──────── DATA EXCERPTS

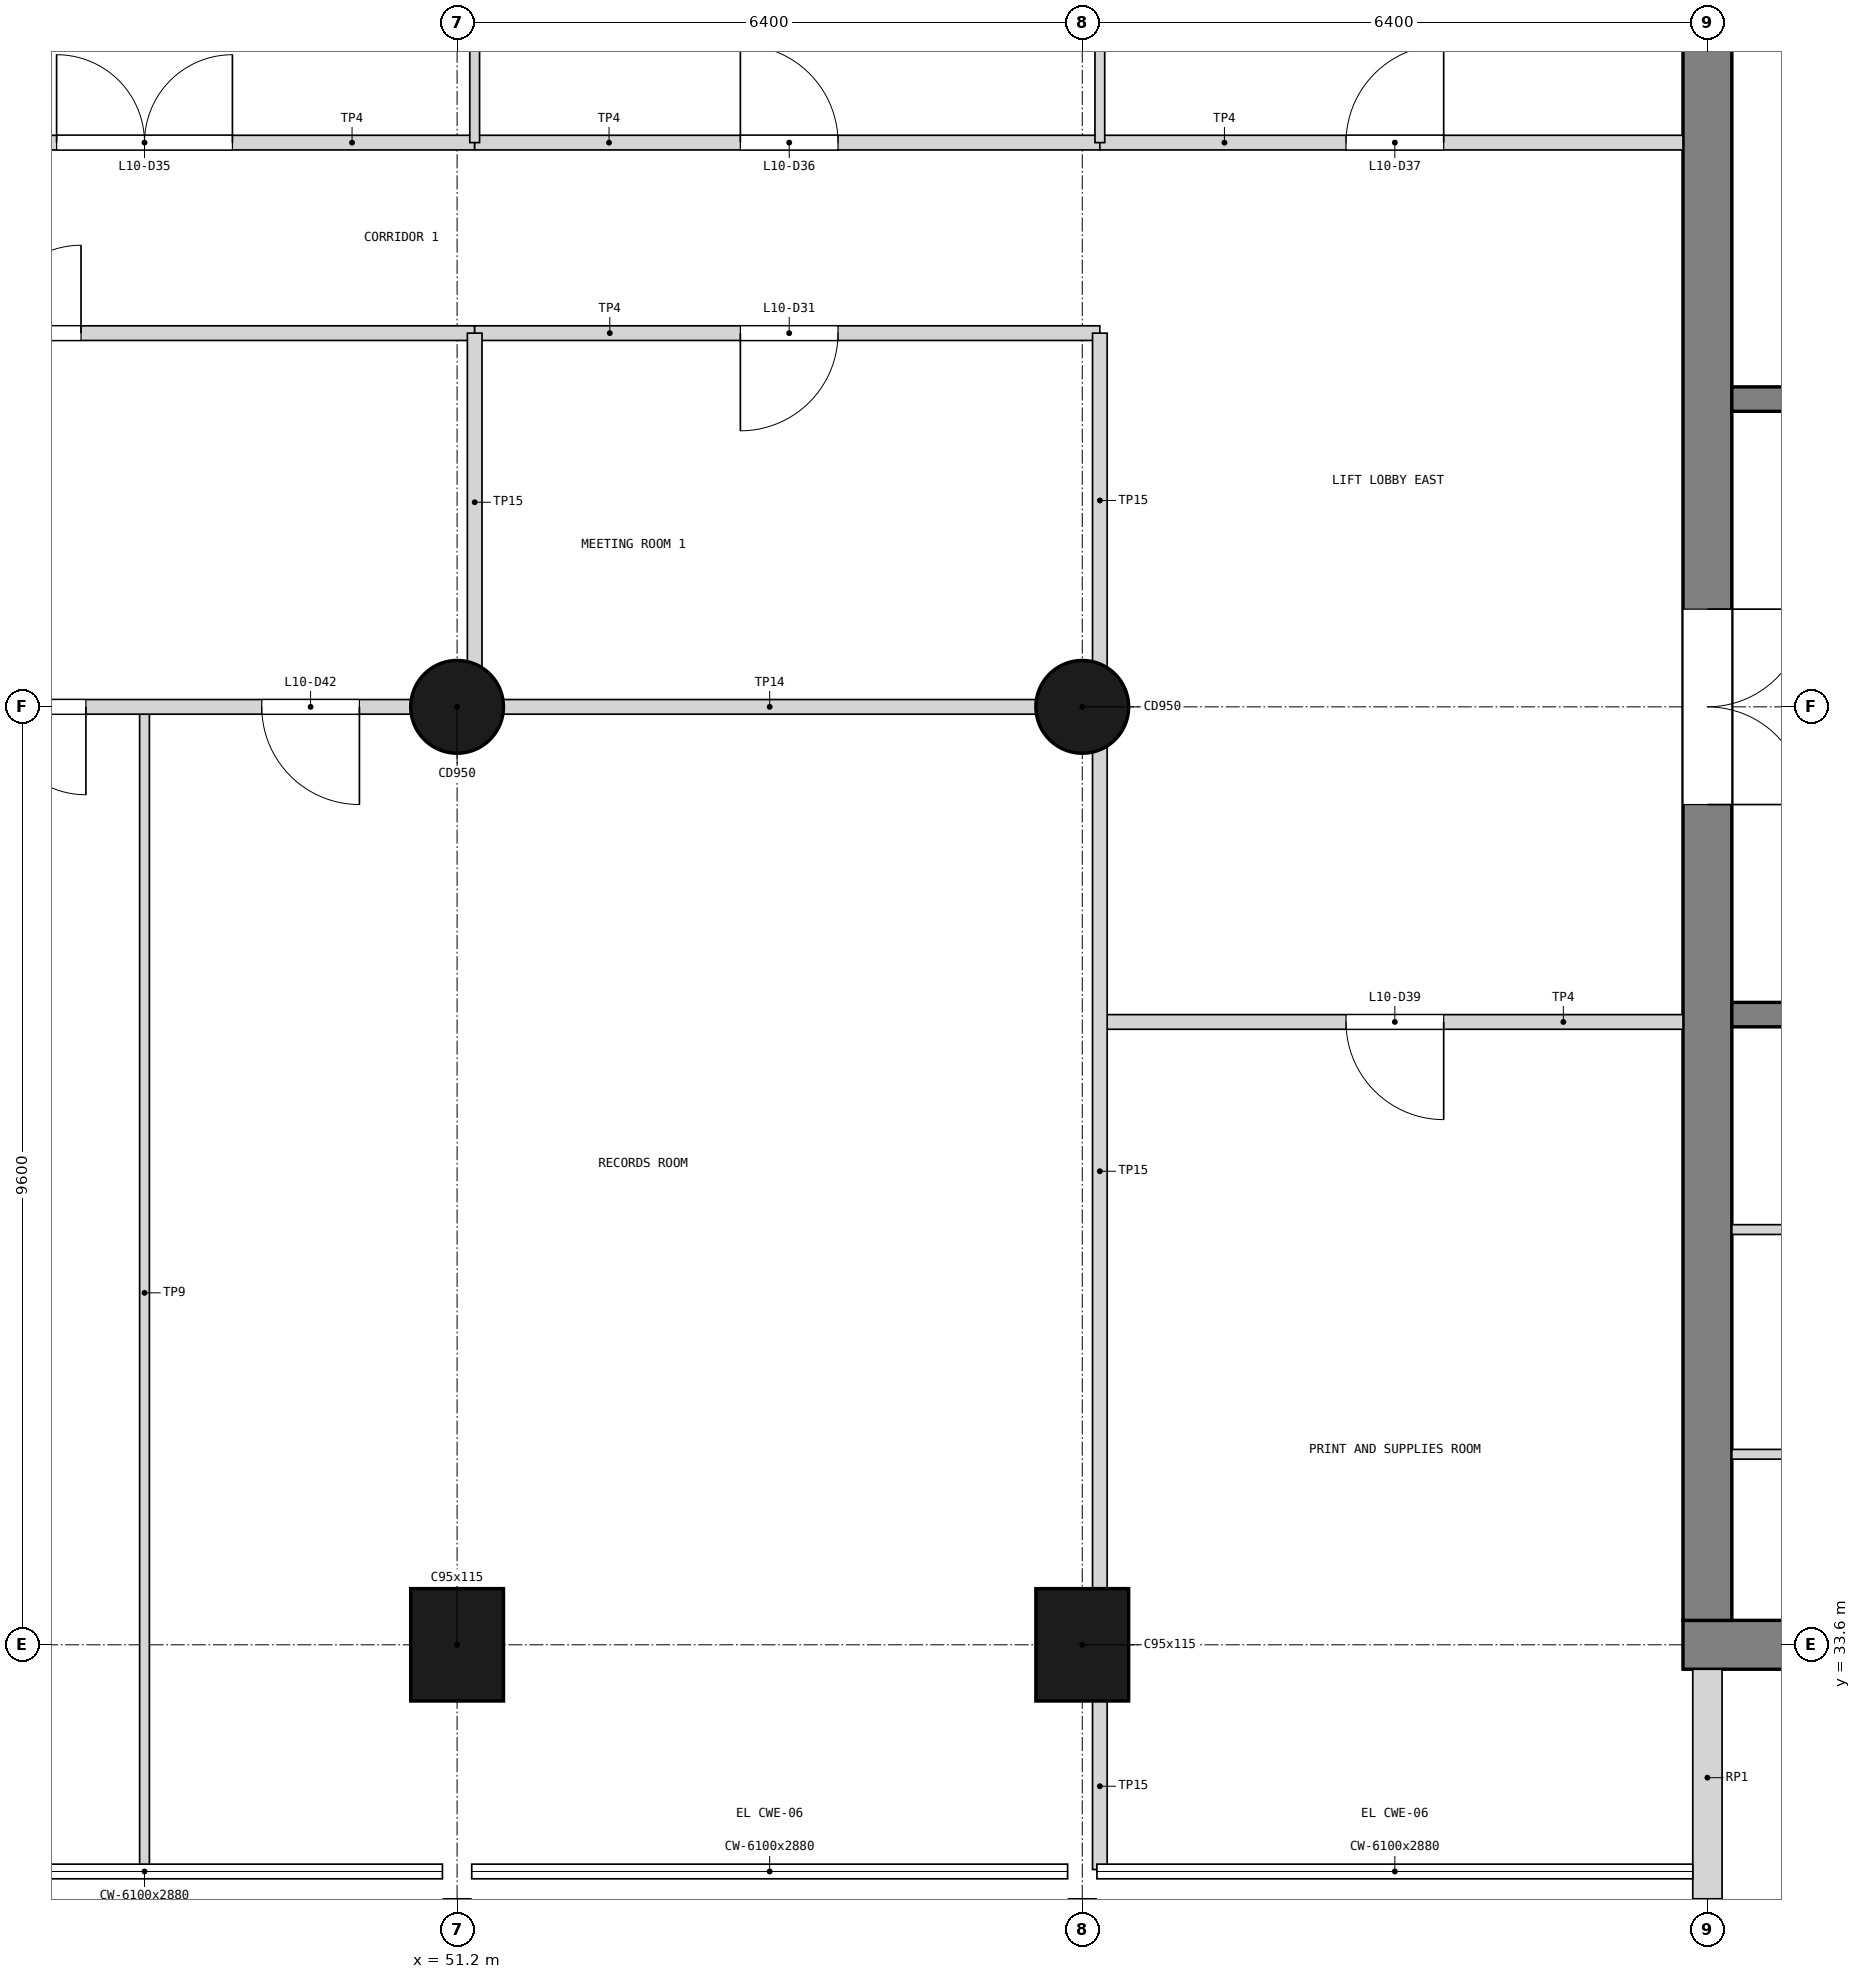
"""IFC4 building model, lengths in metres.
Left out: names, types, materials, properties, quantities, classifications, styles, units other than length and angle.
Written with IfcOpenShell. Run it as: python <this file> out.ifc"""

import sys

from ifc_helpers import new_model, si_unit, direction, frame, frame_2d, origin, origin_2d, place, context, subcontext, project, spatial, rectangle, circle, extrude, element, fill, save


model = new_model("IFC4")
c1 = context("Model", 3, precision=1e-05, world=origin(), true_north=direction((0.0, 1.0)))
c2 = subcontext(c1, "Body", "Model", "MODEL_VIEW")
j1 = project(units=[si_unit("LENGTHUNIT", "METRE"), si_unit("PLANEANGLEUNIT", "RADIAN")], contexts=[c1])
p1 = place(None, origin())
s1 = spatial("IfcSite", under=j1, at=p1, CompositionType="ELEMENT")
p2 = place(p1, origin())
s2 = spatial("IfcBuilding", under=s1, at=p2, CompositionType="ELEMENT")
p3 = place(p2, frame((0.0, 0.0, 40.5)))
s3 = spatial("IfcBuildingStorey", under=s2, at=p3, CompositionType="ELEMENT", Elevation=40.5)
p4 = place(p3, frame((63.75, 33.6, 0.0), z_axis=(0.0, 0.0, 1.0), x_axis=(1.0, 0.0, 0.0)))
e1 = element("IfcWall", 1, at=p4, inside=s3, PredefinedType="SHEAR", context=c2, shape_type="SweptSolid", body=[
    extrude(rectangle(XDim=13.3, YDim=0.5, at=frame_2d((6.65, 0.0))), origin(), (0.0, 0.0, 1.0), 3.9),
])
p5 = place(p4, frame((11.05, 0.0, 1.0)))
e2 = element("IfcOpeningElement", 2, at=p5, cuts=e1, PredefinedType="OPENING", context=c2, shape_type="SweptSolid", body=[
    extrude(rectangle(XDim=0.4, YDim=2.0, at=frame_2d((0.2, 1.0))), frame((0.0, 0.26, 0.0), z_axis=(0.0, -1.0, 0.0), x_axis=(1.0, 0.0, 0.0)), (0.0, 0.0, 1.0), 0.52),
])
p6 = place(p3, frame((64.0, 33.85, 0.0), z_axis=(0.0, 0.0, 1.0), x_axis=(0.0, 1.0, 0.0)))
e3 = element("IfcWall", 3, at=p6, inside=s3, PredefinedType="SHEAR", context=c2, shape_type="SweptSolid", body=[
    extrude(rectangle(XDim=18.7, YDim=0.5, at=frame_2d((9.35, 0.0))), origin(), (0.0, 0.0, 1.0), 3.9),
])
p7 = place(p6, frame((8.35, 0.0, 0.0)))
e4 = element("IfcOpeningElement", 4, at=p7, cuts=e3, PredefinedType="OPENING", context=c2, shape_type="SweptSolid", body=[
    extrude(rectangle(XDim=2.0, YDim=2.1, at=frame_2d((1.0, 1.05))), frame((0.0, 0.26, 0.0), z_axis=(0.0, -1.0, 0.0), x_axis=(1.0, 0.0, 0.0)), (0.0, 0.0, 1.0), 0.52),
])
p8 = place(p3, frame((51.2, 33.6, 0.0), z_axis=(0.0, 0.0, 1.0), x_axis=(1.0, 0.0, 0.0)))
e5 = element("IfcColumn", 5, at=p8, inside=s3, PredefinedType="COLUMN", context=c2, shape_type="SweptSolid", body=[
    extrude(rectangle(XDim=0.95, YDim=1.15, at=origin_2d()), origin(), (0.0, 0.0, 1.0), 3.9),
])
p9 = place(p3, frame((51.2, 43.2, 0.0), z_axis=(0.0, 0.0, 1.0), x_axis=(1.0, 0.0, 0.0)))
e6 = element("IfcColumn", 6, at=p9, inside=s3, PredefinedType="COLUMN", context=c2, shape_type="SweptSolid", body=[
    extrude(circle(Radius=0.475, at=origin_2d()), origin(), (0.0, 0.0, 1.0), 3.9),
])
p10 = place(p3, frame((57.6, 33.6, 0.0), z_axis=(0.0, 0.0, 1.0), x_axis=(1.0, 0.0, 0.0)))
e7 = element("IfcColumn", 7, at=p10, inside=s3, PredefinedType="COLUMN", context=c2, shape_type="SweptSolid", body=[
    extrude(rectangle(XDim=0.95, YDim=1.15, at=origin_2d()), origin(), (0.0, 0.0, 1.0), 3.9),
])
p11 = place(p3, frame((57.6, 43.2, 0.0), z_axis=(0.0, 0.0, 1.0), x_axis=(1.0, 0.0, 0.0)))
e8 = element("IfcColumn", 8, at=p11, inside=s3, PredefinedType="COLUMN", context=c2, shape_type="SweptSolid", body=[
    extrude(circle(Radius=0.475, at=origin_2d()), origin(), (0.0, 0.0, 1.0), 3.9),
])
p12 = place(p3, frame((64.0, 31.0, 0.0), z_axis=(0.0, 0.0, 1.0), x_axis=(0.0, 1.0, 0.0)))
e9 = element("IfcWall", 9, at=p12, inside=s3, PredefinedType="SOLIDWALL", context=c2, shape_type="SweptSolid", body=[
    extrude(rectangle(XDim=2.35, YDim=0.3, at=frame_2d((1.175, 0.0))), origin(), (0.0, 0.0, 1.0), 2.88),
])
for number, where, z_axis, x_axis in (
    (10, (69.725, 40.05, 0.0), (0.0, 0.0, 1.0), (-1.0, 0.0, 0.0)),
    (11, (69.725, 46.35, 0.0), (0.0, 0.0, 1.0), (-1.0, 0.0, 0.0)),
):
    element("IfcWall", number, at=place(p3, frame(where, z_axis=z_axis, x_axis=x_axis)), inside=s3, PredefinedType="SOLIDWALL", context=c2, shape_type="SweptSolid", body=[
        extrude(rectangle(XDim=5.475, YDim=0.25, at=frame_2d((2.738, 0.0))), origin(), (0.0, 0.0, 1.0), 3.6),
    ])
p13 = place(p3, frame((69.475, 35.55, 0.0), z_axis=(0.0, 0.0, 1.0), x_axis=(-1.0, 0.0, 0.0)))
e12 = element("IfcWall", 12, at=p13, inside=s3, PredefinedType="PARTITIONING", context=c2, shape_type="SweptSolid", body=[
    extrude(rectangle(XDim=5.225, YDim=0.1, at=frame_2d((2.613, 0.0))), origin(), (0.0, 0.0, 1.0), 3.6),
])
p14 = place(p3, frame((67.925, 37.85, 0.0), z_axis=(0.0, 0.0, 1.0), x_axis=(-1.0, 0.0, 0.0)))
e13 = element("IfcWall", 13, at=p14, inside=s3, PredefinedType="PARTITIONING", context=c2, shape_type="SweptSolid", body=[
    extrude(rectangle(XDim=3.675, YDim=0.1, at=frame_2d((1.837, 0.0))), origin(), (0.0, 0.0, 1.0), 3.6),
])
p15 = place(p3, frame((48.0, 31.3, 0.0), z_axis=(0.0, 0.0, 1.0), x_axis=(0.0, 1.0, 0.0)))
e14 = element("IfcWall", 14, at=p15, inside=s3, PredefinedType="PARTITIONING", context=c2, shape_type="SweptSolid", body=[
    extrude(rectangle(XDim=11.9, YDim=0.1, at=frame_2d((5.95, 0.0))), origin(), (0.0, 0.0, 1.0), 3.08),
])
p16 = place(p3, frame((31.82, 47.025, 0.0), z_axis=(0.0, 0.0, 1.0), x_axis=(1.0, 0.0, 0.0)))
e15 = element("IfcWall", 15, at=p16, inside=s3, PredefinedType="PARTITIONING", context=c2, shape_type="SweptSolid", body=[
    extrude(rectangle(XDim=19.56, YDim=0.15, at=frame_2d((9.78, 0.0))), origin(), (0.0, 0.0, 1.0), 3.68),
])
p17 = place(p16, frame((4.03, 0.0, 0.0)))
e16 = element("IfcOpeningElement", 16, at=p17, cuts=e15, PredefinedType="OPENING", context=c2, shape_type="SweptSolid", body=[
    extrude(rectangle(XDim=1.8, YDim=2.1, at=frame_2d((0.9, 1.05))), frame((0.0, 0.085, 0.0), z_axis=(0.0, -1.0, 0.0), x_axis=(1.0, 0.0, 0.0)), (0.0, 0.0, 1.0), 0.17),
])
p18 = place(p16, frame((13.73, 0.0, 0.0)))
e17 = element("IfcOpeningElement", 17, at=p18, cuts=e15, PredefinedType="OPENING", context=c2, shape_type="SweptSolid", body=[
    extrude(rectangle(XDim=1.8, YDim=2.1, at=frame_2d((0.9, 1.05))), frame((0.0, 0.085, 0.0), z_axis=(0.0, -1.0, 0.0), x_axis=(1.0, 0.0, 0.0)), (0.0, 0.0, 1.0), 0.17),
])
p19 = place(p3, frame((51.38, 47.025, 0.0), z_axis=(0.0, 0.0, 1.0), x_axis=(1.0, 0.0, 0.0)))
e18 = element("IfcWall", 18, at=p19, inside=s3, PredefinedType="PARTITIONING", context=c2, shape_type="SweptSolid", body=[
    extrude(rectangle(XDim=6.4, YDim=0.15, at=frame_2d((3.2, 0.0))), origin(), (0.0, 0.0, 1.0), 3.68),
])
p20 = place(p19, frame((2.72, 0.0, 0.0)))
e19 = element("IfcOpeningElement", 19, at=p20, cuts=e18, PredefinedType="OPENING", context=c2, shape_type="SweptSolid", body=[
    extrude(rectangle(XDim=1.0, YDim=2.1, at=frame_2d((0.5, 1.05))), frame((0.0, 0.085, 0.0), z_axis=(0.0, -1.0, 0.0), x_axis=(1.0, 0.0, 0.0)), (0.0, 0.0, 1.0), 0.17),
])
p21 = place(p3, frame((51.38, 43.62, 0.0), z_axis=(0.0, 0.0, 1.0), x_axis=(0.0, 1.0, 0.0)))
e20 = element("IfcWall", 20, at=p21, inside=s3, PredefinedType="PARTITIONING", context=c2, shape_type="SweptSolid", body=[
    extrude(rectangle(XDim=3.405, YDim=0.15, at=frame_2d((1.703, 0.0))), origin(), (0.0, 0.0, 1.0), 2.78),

────────────────

[WORK REQUEST]
When the word "import" appears in a line of the listing, pull that line out.

[EXERCISE RESULT]
import sys
from ifc_helpers import new_model, si_unit, direction, frame, frame_2d, origin, origin_2d, place, context, subcontext, project, spatial, rectangle, circle, extrude, element, fill, save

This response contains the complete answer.